▸ **TO DO**
Up to and including the line that holds "world=origin(), true_north=direction((0.0, 1.0)))", copy every line of the records below exactly, starting at the first; leave pictures out.

▸ **LISTED ENTRIES**
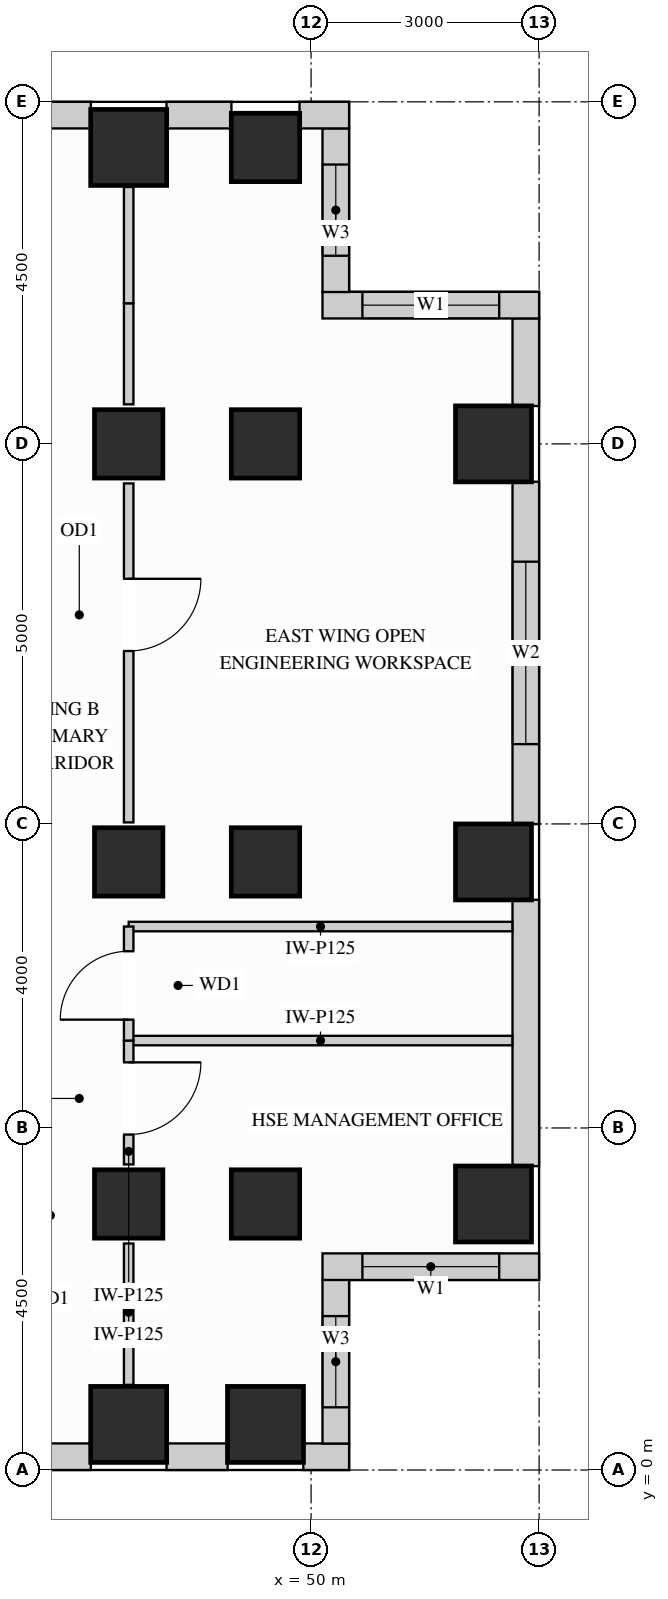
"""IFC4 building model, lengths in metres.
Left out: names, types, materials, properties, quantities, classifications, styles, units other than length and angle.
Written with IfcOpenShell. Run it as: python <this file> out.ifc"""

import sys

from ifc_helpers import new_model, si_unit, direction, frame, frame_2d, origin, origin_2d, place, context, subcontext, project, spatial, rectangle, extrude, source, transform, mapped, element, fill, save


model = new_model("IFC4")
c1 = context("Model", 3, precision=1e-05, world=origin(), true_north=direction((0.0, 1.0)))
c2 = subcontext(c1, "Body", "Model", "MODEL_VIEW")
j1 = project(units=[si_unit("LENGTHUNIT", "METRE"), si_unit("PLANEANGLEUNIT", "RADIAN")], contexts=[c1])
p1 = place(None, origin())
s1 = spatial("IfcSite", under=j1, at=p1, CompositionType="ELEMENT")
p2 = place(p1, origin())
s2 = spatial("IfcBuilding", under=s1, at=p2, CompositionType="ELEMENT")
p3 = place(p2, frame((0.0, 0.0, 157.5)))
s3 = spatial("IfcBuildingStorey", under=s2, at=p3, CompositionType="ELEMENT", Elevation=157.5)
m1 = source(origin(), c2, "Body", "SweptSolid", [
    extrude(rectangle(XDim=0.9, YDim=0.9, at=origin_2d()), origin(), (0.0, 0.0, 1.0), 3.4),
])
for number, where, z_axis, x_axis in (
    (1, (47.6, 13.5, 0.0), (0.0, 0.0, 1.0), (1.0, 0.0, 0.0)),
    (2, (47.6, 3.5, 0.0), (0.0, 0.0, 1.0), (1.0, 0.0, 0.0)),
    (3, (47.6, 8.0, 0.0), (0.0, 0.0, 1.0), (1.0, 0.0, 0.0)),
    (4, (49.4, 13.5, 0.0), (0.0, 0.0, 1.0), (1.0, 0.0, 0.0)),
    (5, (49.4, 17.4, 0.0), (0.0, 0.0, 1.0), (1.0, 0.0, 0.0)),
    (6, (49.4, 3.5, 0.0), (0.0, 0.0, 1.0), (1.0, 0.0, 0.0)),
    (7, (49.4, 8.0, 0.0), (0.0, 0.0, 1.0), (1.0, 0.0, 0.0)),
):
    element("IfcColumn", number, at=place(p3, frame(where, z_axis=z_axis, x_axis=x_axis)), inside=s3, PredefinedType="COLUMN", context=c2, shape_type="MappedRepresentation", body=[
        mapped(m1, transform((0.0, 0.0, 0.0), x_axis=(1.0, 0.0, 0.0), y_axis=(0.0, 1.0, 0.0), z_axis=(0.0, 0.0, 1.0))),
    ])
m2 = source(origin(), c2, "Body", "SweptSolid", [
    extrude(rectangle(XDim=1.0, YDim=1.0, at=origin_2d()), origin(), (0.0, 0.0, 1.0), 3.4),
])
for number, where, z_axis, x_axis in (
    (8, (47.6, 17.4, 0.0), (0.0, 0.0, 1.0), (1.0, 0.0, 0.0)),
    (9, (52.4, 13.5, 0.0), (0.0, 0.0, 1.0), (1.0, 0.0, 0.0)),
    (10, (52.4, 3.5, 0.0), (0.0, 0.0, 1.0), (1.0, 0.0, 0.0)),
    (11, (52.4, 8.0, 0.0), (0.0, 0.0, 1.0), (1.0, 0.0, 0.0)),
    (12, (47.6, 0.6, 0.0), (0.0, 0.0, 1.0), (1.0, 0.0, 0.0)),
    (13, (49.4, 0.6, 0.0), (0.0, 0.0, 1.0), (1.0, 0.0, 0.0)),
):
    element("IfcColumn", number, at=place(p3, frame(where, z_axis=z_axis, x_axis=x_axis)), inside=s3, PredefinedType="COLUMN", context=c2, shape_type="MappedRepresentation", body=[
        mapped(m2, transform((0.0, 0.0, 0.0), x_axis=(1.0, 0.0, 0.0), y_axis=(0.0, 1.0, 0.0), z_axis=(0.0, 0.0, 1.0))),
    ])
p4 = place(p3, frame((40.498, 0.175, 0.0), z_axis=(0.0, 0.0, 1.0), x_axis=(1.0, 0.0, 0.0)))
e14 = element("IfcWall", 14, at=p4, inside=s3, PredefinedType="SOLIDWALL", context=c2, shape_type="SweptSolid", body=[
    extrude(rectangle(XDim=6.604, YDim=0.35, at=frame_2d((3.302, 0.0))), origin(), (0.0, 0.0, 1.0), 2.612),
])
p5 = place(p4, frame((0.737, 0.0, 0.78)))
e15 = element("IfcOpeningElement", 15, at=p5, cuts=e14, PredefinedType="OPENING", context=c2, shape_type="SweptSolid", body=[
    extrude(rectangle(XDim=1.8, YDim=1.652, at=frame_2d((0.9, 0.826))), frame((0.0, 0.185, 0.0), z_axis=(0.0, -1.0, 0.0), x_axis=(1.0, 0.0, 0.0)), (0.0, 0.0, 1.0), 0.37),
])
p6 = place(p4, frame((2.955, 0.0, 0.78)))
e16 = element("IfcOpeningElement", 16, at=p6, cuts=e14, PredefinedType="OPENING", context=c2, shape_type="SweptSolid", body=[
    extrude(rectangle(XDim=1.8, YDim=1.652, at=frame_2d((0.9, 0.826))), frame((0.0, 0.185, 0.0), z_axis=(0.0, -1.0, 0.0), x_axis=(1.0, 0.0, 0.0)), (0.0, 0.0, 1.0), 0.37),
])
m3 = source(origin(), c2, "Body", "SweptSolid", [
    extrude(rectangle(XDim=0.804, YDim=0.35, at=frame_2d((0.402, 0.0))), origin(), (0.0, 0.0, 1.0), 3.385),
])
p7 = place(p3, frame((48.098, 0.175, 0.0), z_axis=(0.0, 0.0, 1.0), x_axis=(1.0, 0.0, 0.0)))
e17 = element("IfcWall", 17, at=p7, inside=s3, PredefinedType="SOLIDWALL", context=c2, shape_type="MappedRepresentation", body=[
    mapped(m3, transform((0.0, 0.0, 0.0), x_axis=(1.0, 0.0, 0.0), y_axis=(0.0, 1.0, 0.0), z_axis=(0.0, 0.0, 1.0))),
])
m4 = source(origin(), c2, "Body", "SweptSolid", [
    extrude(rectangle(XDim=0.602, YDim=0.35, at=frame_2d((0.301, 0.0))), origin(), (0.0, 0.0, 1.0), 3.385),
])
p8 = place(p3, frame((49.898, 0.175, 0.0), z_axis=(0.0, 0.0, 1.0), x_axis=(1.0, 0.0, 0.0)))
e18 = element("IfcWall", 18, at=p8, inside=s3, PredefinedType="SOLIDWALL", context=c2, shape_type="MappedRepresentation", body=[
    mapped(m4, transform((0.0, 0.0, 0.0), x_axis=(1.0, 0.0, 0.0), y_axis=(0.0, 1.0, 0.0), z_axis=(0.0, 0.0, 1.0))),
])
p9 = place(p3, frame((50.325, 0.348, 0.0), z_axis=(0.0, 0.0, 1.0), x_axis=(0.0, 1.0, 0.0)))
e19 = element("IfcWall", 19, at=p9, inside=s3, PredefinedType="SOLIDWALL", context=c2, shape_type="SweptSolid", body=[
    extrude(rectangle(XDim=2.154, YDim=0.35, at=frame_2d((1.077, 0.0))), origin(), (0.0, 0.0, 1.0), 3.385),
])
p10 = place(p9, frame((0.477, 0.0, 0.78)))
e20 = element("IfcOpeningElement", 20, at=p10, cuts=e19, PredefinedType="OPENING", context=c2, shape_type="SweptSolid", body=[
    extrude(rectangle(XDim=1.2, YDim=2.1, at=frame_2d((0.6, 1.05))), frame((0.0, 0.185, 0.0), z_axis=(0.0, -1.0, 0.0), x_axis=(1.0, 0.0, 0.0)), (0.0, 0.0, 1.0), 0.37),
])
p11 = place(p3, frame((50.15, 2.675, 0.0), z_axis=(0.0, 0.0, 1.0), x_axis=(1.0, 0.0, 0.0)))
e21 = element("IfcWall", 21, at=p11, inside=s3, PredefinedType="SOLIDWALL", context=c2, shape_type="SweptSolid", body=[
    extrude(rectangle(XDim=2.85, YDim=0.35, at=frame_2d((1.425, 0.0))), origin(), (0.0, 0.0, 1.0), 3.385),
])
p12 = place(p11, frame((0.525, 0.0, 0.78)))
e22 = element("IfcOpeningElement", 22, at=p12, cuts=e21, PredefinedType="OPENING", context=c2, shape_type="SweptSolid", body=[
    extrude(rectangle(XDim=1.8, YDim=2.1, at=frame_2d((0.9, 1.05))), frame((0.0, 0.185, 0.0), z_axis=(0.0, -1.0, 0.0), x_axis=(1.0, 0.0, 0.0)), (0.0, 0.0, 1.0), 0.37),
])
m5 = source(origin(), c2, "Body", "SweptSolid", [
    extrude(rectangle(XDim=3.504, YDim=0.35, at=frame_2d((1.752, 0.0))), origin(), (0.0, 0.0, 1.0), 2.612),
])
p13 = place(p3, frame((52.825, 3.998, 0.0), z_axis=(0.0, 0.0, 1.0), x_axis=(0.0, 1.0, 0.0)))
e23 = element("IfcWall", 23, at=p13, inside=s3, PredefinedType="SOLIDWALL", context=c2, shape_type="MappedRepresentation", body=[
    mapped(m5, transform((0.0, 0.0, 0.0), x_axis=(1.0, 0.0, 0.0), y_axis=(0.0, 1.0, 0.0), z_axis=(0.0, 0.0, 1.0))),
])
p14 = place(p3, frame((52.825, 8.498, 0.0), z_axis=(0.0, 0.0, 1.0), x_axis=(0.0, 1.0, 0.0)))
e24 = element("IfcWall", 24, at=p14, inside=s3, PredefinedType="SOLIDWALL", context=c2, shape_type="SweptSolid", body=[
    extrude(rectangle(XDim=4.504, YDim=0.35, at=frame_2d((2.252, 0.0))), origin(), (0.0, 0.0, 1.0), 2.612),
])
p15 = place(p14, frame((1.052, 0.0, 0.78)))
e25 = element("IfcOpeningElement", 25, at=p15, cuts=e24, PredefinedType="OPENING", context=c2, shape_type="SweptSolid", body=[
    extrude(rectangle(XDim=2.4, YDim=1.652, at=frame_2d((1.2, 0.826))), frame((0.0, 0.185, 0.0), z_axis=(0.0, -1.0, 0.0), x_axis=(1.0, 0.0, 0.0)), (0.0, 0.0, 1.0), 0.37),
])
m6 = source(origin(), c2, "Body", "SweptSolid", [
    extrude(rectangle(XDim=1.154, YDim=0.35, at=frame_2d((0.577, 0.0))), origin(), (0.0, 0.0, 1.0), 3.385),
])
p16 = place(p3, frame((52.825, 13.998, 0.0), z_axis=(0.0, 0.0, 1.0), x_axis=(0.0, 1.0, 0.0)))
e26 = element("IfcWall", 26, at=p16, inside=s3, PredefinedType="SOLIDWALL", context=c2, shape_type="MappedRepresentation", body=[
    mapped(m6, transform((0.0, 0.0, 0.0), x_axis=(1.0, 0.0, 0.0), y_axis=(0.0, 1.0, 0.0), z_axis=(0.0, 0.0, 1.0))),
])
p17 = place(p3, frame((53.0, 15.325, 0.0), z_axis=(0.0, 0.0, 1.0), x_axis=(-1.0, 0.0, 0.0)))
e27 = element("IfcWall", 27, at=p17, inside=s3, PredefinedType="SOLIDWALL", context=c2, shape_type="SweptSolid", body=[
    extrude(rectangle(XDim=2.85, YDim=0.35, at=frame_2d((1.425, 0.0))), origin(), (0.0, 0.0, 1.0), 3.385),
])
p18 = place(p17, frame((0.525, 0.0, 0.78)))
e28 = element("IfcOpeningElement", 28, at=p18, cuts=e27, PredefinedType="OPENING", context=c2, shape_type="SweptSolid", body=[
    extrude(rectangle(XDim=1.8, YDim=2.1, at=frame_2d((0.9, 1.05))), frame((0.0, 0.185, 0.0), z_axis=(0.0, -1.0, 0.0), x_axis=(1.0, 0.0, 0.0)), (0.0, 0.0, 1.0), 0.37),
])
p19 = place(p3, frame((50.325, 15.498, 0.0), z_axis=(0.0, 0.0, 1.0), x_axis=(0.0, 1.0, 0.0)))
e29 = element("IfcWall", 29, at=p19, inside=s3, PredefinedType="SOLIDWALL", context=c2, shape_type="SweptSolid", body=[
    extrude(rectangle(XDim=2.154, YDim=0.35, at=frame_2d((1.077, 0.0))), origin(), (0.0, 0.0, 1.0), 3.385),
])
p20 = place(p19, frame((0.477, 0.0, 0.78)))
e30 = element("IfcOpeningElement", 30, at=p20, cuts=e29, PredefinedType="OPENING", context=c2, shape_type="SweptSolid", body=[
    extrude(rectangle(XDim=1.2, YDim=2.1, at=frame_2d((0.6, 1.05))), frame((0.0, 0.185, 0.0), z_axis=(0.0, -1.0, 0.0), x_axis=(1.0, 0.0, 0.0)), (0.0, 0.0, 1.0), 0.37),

▸ **EXERCISE ANSWER**
"""IFC4 building model, lengths in metres.
Left out: names, types, materials, properties, quantities, classifications, styles, units other than length and angle.
Written with IfcOpenShell. Run it as: python <this file> out.ifc"""

import sys

from ifc_helpers import new_model, si_unit, direction, frame, frame_2d, origin, origin_2d, place, context, subcontext, project, spatial, rectangle, extrude, source, transform, mapped, element, fill, save


model = new_model("IFC4")
c1 = context("Model", 3, precision=1e-05, world=origin(), true_north=direction((0.0, 1.0)))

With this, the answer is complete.